Your goal =>
Print them exactly: the lines from the beginning of the entries below through the line that contains "p5 = place(p4, frame((7.2, 0.0, 0.0)))", and only those, with the pictures left out.

(Saved data entries)
▼
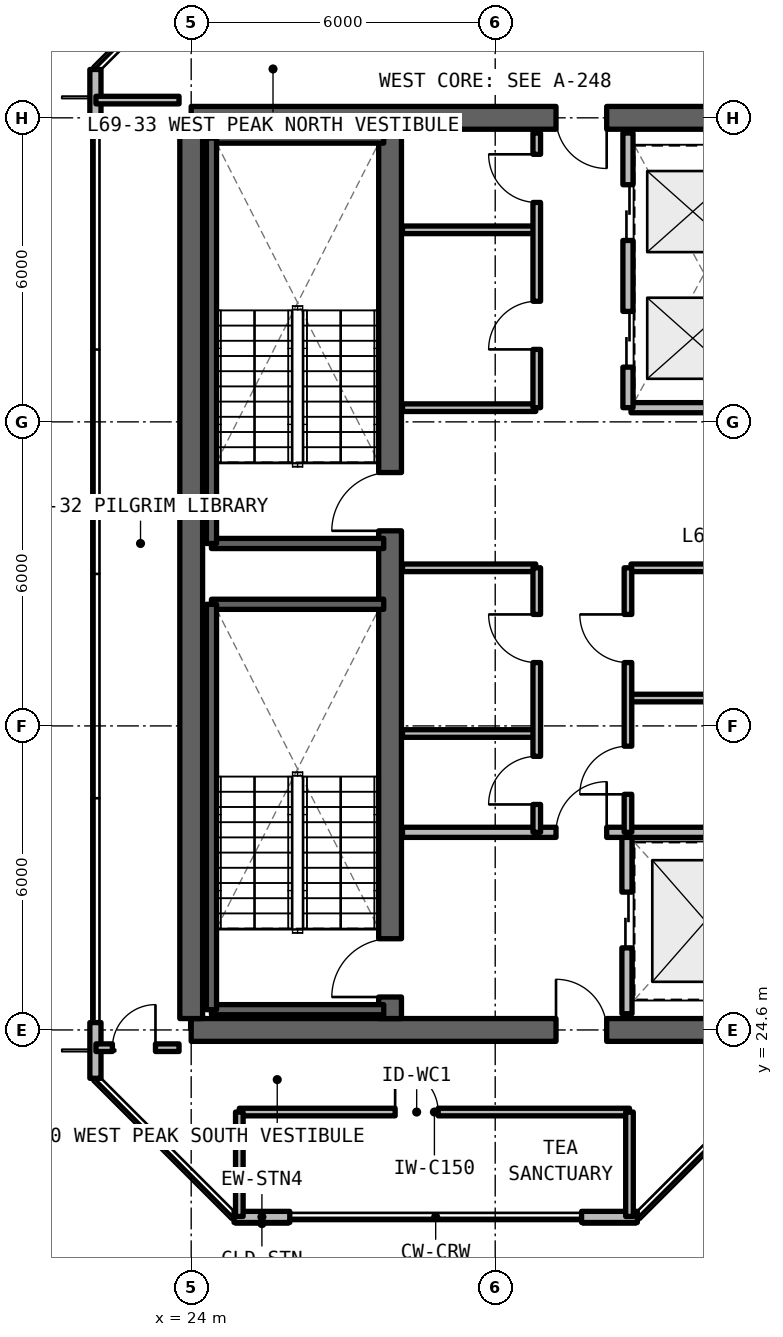
"""IFC4 building model, lengths in metres.
Left out: names, types, materials, properties, quantities, classifications, styles, units other than length and angle.
Written with IfcOpenShell. Run it as: python <this file> out.ifc"""

import sys

from ifc_helpers import new_model, si_unit, direction, frame, frame_2d, origin, place, context, subcontext, project, spatial, rectangle, extrude, element, fill, save


model = new_model("IFC4")
c1 = context("Model", 3, precision=1e-05, world=origin(), true_north=direction((0.0, 1.0)))
c2 = subcontext(c1, "Body", "Model", "MODEL_VIEW")
j1 = project(units=[si_unit("LENGTHUNIT", "METRE"), si_unit("PLANEANGLEUNIT", "RADIAN")], contexts=[c1])
p1 = place(None, origin())
s1 = spatial("IfcSite", under=j1, at=p1, CompositionType="ELEMENT")
p2 = place(p1, origin())
s2 = spatial("IfcBuilding", under=s1, at=p2, CompositionType="ELEMENT")
p3 = place(p2, frame((0.0, 0.0, 246.18)))
s3 = spatial("IfcBuildingStorey", under=s2, at=p3, CompositionType="ELEMENT", Elevation=246.18)
p4 = place(p3, frame((24.0, 24.6, 0.0), z_axis=(0.0, 0.0, 1.0), x_axis=(1.0, 0.0, 0.0)))
e1 = element("IfcWall", 1, at=p4, inside=s3, PredefinedType="SHEAR", context=c2, shape_type="SweptSolid", body=[
    extrude(rectangle(XDim=12.0, YDim=0.45, at=frame_2d((6.0, 0.0))), origin(), (0.0, 0.0, 1.0), 3.63),
])
p5 = place(p4, frame((7.2, 0.0, 0.0)))
e2 = element("IfcOpeningElement", 2, at=p5, cuts=e1, PredefinedType="OPENING", context=c2, shape_type="SweptSolid", body=[
    extrude(rectangle(XDim=1.0, YDim=2.15, at=frame_2d((0.5, 1.075))), frame((0.0, 0.235, 0.0), z_axis=(0.0, -1.0, 0.0), x_axis=(1.0, 0.0, 0.0)), (0.0, 0.0, 1.0), 0.47),
])
p6 = place(p3, frame((36.0, 42.6, 0.0), z_axis=(0.0, 0.0, 1.0), x_axis=(-1.0, 0.0, 0.0)))
e3 = element("IfcWall", 3, at=p6, inside=s3, PredefinedType="SHEAR", context=c2, shape_type="SweptSolid", body=[
    extrude(rectangle(XDim=12.0, YDim=0.45, at=frame_2d((6.0, 0.0))), origin(), (0.0, 0.0, 1.0), 3.63),
])
p7 = place(p6, frame((3.8, 0.0, 0.0)))
e4 = element("IfcOpeningElement", 4, at=p7, cuts=e3, PredefinedType="OPENING", context=c2, shape_type="SweptSolid", body=[
    extrude(rectangle(XDim=1.0, YDim=2.15, at=frame_2d((0.5, 1.075))), frame((0.0, 0.235, 0.0), z_axis=(0.0, -1.0, 0.0), x_axis=(1.0, 0.0, 0.0)), (0.0, 0.0, 1.0), 0.47),
])
p8 = place(p3, frame((24.0, 24.825, 0.0), z_axis=(0.0, 0.0, 1.0), x_axis=(0.0, 1.0, 0.0)))
e5 = element("IfcWall", 5, at=p8, inside=s3, PredefinedType="SHEAR", context=c2, shape_type="SweptSolid", body=[
    extrude(rectangle(XDim=17.55, YDim=0.45, at=frame_2d((8.775, 0.0))), origin(), (0.0, 0.0, 1.0), 3.63),
])
p9 = place(p3, frame((27.925, 24.825, 0.0), z_axis=(0.0, 0.0, 1.0), x_axis=(0.0, 1.0, 0.0)))
e6 = element("IfcWall", 6, at=p9, inside=s3, PredefinedType="SHEAR", context=c2, shape_type="SweptSolid", body=[
    extrude(rectangle(XDim=17.55, YDim=0.45, at=frame_2d((8.775, 0.0))), origin(), (0.0, 0.0, 1.0), 3.63),
])
p10 = place(p9, frame((0.425, 0.0, 0.0)))
e7 = element("IfcOpeningElement", 7, at=p10, cuts=e6, PredefinedType="OPENING", context=c2, shape_type="SweptSolid", body=[
    extrude(rectangle(XDim=1.15, YDim=2.15, at=frame_2d((0.575, 1.075))), frame((0.0, 0.235, 0.0), z_axis=(0.0, -1.0, 0.0), x_axis=(1.0, 0.0, 0.0)), (0.0, 0.0, 1.0), 0.47),
])
p11 = place(p9, frame((9.625, 0.0, 0.0)))
e8 = element("IfcOpeningElement", 8, at=p11, cuts=e6, PredefinedType="OPENING", context=c2, shape_type="SweptSolid", body=[
    extrude(rectangle(XDim=1.15, YDim=2.15, at=frame_2d((0.575, 1.075))), frame((0.0, 0.235, 0.0), z_axis=(0.0, -1.0, 0.0), x_axis=(1.0, 0.0, 0.0)), (0.0, 0.0, 1.0), 0.47),
])
p12 = place(p3, frame((24.846, 20.91, 0.0), z_axis=(0.0, 0.0, 1.0), x_axis=(1.0, 0.0, 0.0)))
e9 = element("IfcWall", 9, at=p12, inside=s3, PredefinedType="SOLIDWALL", context=c2, shape_type="SweptSolid", body=[
    extrude(rectangle(XDim=1.1, YDim=0.22, at=frame_2d((0.55, 0.0))), origin(), (0.0, 0.0, 1.0), 3.41),
])
for number, where, z_axis, x_axis in (
    (10, (31.704, 20.91, 0.0), (0.0, 0.0, 1.0), (1.0, 0.0, 0.0)),
    (11, (22.11, 43.554, 0.0), (0.0, 0.0, 1.0), (0.0, -1.0, 0.0)),
    (12, (22.11, 24.746, 0.0), (0.0, 0.0, 1.0), (0.0, -1.0, 0.0)),
):
    element("IfcWall", number, at=place(p3, frame(where, z_axis=z_axis, x_axis=x_axis)), inside=s3, PredefinedType="SOLIDWALL", context=c2, shape_type="SweptSolid", body=[
        extrude(rectangle(XDim=1.1, YDim=0.22, at=frame_2d((0.55, 0.0))), origin(), (0.0, 0.0, 1.0), 3.41),
    ])
p13 = place(p3, frame((32.6, 24.92, 0.0), z_axis=(0.0, 0.0, 1.0), x_axis=(0.0, 1.0, 0.0)))
e13 = element("IfcWall", 13, at=p13, inside=s3, PredefinedType="SOLIDWALL", context=c2, shape_type="SweptSolid", body=[
    extrude(rectangle(XDim=3.58, YDim=0.2, at=frame_2d((1.79, 0.0))), origin(), (0.0, 0.0, 1.0), 2.63),
])
p14 = place(p13, frame((1.3, 0.0, 0.0)))
e14 = element("IfcOpeningElement", 14, at=p14, cuts=e13, PredefinedType="OPENING", context=c2, shape_type="SweptSolid", body=[
    extrude(rectangle(XDim=1.1, YDim=2.2, at=frame_2d((0.55, 1.1))), frame((0.0, 0.11, 0.0), z_axis=(0.0, -1.0, 0.0), x_axis=(1.0, 0.0, 0.0)), (0.0, 0.0, 1.0), 0.22),
])
p15 = place(p3, frame((28.17, 28.5, 0.0), z_axis=(0.0, 0.0, 1.0), x_axis=(1.0, 0.0, 0.0)))
e15 = element("IfcWall", 15, at=p15, inside=s3, PredefinedType="SOLIDWALL", context=c2, shape_type="SweptSolid", body=[
    extrude(rectangle(XDim=7.585, YDim=0.2, at=frame_2d((3.792, 0.0))), origin(), (0.0, 0.0, 1.0), 2.63),
])
p16 = place(p15, frame((3.03, 0.0, 0.0)))
e16 = element("IfcOpeningElement", 16, at=p16, cuts=e15, PredefinedType="OPENING", context=c2, shape_type="SweptSolid", body=[
    extrude(rectangle(XDim=1.0, YDim=2.15, at=frame_2d((0.5, 1.075))), frame((0.0, 0.11, 0.0), z_axis=(0.0, -1.0, 0.0), x_axis=(1.0, 0.0, 0.0)), (0.0, 0.0, 1.0), 0.22),
])
for number, where, z_axis, x_axis in (
    (17, (28.17, 30.45, 0.0), (0.0, 0.0, 1.0), (1.0, 0.0, 0.0)),
    (18, (28.17, 33.72, 0.0), (0.0, 0.0, 1.0), (1.0, 0.0, 0.0)),
):
    element("IfcWall", number, at=place(p3, frame(where, z_axis=z_axis, x_axis=x_axis)), inside=s3, PredefinedType="SOLIDWALL", context=c2, shape_type="SweptSolid", body=[
        extrude(rectangle(XDim=2.63, YDim=0.15, at=frame_2d((1.315, 0.0))), origin(), (0.0, 0.0, 1.0), 2.63),
    ])
p17 = place(p3, frame((30.82, 28.5, 0.0), z_axis=(0.0, 0.0, 1.0), x_axis=(0.0, 1.0, 0.0)))
e19 = element("IfcWall", 19, at=p17, inside=s3, PredefinedType="SOLIDWALL", context=c2, shape_type="SweptSolid", body=[
    extrude(rectangle(XDim=5.22, YDim=0.15, at=frame_2d((2.61, 0.0))), origin(), (0.0, 0.0, 1.0), 2.63),
])
p18 = place(p17, frame((0.55, 0.0, 0.0)))
e20 = element("IfcOpeningElement", 20, at=p18, cuts=e19, PredefinedType="OPENING", context=c2, shape_type="SweptSolid", body=[
    extrude(rectangle(XDim=0.95, YDim=2.15, at=frame_2d((0.475, 1.075))), frame((0.0, 0.085, 0.0), z_axis=(0.0, -1.0, 0.0), x_axis=(1.0, 0.0, 0.0)), (0.0, 0.0, 1.0), 0.17),
])
p19 = place(p17, frame((3.35, 0.0, 0.0)))
e21 = element("IfcOpeningElement", 21, at=p19, cuts=e19, PredefinedType="OPENING", context=c2, shape_type="SweptSolid", body=[
    extrude(rectangle(XDim=0.95, YDim=2.15, at=frame_2d((0.475, 1.075))), frame((0.0, 0.085, 0.0), z_axis=(0.0, -1.0, 0.0), x_axis=(1.0, 0.0, 0.0)), (0.0, 0.0, 1.0), 0.17),
])
for number, where, z_axis, x_axis in (
    (22, (32.68, 31.15, 0.0), (0.0, 0.0, 1.0), (1.0, 0.0, 0.0)),
    (23, (32.68, 33.72, 0.0), (0.0, 0.0, 1.0), (1.0, 0.0, 0.0)),
):
    element("IfcWall", number, at=place(p3, frame(where, z_axis=z_axis, x_axis=x_axis)), inside=s3, PredefinedType="SOLIDWALL", context=c2, shape_type="SweptSolid", body=[
        extrude(rectangle(XDim=3.075, YDim=0.15, at=frame_2d((1.538, 0.0))), origin(), (0.0, 0.0, 1.0), 2.63),
    ])
p20 = place(p3, frame((32.62, 28.5, 0.0), z_axis=(0.0, 0.0, 1.0), x_axis=(0.0, 1.0, 0.0)))
e24 = element("IfcWall", 24, at=p20, inside=s3, PredefinedType="SOLIDWALL", context=c2, shape_type="SweptSolid", body=[
    extrude(rectangle(XDim=5.22, YDim=0.15, at=frame_2d((2.61, 0.0))), origin(), (0.0, 0.0, 1.0), 2.63),
])
p21 = place(p20, frame((0.75, 0.0, 0.0)))
e25 = element("IfcOpeningElement", 25, at=p21, cuts=e24, PredefinedType="OPENING", context=c2, shape_type="SweptSolid", body=[
    extrude(rectangle(XDim=0.95, YDim=2.15, at=frame_2d((0.475, 1.075))), frame((0.0, 0.085, 0.0), z_axis=(0.0, -1.0, 0.0), x_axis=(1.0, 0.0, 0.0)), (0.0, 0.0, 1.0), 0.17),
])
p22 = place(p20, frame((3.35, 0.0, 0.0)))
e26 = element("IfcOpeningElement", 26, at=p22, cuts=e24, PredefinedType="OPENING", context=c2, shape_type="SweptSolid", body=[
    extrude(rectangle(XDim=0.95, YDim=2.15, at=frame_2d((0.475, 1.075))), frame((0.0, 0.085, 0.0), z_axis=(0.0, -1.0, 0.0), x_axis=(1.0, 0.0, 0.0)), (0.0, 0.0, 1.0), 0.17),
])
for number, where, z_axis, x_axis in (
    (27, (28.17, 36.88, 0.0), (0.0, 0.0, 1.0), (1.0, 0.0, 0.0)),
    (28, (28.17, 40.39, 0.0), (0.0, 0.0, 1.0), (1.0, 0.0, 0.0)),
):
    element("IfcWall", number, at=place(p3, frame(where, z_axis=z_axis, x_axis=x_axis)), inside=s3, PredefinedType="SOLIDWALL", context=c2, shape_type="SweptSolid", body=[
        extrude(rectangle(XDim=2.63, YDim=0.15, at=frame_2d((1.315, 0.0))), origin(), (0.0, 0.0, 1.0), 2.63),
    ])
p23 = place(p3, frame((30.82, 36.88, 0.0), z_axis=(0.0, 0.0, 1.0), x_axis=(0.0, 1.0, 0.0)))
e29 = element("IfcWall", 29, at=p23, inside=s3, PredefinedType="SOLIDWALL", context=c2, shape_type="SweptSolid", body=[
    extrude(rectangle(XDim=5.42, YDim=0.15, at=frame_2d((2.71, 0.0))), origin(), (0.0, 0.0, 1.0), 2.63),
])
p24 = place(p23, frame((1.15, 0.0, 0.0)))
e30 = element("IfcOpeningElement", 30, at=p24, cuts=e29, PredefinedType="OPENING", context=c2, shape_type="SweptSolid", body=[
    extrude(rectangle(XDim=0.95, YDim=2.15, at=frame_2d((0.475, 1.075))), frame((0.0, 0.085, 0.0), z_axis=(0.0, -1.0, 0.0), x_axis=(1.0, 0.0, 0.0)), (0.0, 0.0, 1.0), 0.17),
])
p25 = place(p23, frame((4.05, 0.0, 0.0)))
e31 = element("IfcOpeningElement", 31, at=p25, cuts=e29, PredefinedType="OPENING", context=c2, shape_type="SweptSolid", body=[
    extrude(rectangle(XDim=0.95, YDim=2.15, at=frame_2d((0.475, 1.075))), frame((0.0, 0.085, 0.0), z_axis=(0.0, -1.0, 0.0), x_axis=(1.0, 0.0, 0.0)), (0.0, 0.0, 1.0), 0.17),
])
p26 = place(p3, frame((32.68, 36.88, 0.0), z_axis=(0.0, 0.0, 1.0), x_axis=(1.0, 0.0, 0.0)))
e32 = element("IfcWall", 32, at=p26, inside=s3, PredefinedType="SOLIDWALL", context=c2, shape_type="SweptSolid", body=[
    extrude(rectangle(XDim=3.075, YDim=0.2, at=frame_2d((1.538, 0.0))), origin(), (0.0, 0.0, 1.0), 2.63),
])
p27 = place(p3, frame((32.62, 36.88, 0.0), z_axis=(0.0, 0.0, 1.0), x_axis=(0.0, 1.0, 0.0)))
e33 = element("IfcWall", 33, at=p27, inside=s3, PredefinedType="SOLIDWALL", context=c2, shape_type="SweptSolid", body=[
    extrude(rectangle(XDim=5.42, YDim=0.2, at=frame_2d((2.71, 0.0))), origin(), (0.0, 0.0, 1.0), 2.63),
])
p28 = place(p27, frame((0.8, 0.0, 0.0)))
e34 = element("IfcOpeningElement", 34, at=p28, cuts=e33, PredefinedType="OPENING", context=c2, shape_type="SweptSolid", body=[
    extrude(rectangle(XDim=1.1, YDim=2.2, at=frame_2d((0.55, 1.1))), frame((0.0, 0.11, 0.0), z_axis=(0.0, -1.0, 0.0), x_axis=(1.0, 0.0, 0.0)), (0.0, 0.0, 1.0), 0.22),
])
p29 = place(p27, frame((3.3, 0.0, 0.0)))
e35 = element("IfcOpeningElement", 35, at=p29, cuts=e33, PredefinedType="OPENING", context=c2, shape_type="SweptSolid", body=[
    extrude(rectangle(XDim=1.1, YDim=2.2, at=frame_2d((0.55, 1.1))), frame((0.0, 0.11, 0.0), z_axis=(0.0, -1.0, 0.0), x_axis=(1.0, 0.0, 0.0)), (0.0, 0.0, 1.0), 0.22),
])
p30 = place(p3, frame((24.95, 22.98, 0.0), z_axis=(0.0, 0.0, 1.0), x_axis=(1.0, 0.0, 0.0)))
e36 = element("IfcWall", 36, at=p30, inside=s3, PredefinedType="SOLIDWALL", context=c2, shape_type="SweptSolid", body=[
    extrude(rectangle(XDim=7.7, YDim=0.15, at=frame_2d((3.85, 0.0))), origin(), (0.0, 0.0, 1.0), 2.63),
])
p31 = place(p30, frame((3.075, 0.0, 0.0)))
e37 = element("IfcOpeningElement", 37, at=p31, cuts=e36, PredefinedType="OPENING", context=c2, shape_type="SweptSolid", body=[
    extrude(rectangle(XDim=0.85, YDim=2.1, at=frame_2d((0.425, 1.05))), frame((0.0, 0.085, 0.0), z_axis=(0.0, -1.0, 0.0), x_axis=(1.0, 0.0, 0.0)), (0.0, 0.0, 1.0), 0.17),
])
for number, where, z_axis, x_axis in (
▲
Answer space =>
"""IFC4 building model, lengths in metres.
Left out: names, types, materials, properties, quantities, classifications, styles, units other than length and angle.
Written with IfcOpenShell. Run it as: python <this file> out.ifc"""

import sys

from ifc_helpers import new_model, si_unit, direction, frame, frame_2d, origin, place, context, subcontext, project, spatial, rectangle, extrude, element, fill, save


model = new_model("IFC4")
c1 = context("Model", 3, precision=1e-05, world=origin(), true_north=direction((0.0, 1.0)))
c2 = subcontext(c1, "Body", "Model", "MODEL_VIEW")
j1 = project(units=[si_unit("LENGTHUNIT", "METRE"), si_unit("PLANEANGLEUNIT", "RADIAN")], contexts=[c1])
p1 = place(None, origin())
s1 = spatial("IfcSite", under=j1, at=p1, CompositionType="ELEMENT")
p2 = place(p1, origin())
s2 = spatial("IfcBuilding", under=s1, at=p2, CompositionType="ELEMENT")
p3 = place(p2, frame((0.0, 0.0, 246.18)))
s3 = spatial("IfcBuildingStorey", under=s2, at=p3, CompositionType="ELEMENT", Elevation=246.18)
p4 = place(p3, frame((24.0, 24.6, 0.0), z_axis=(0.0, 0.0, 1.0), x_axis=(1.0, 0.0, 0.0)))
e1 = element("IfcWall", 1, at=p4, inside=s3, PredefinedType="SHEAR", context=c2, shape_type="SweptSolid", body=[
    extrude(rectangle(XDim=12.0, YDim=0.45, at=frame_2d((6.0, 0.0))), origin(), (0.0, 0.0, 1.0), 3.63),
])
p5 = place(p4, frame((7.2, 0.0, 0.0)))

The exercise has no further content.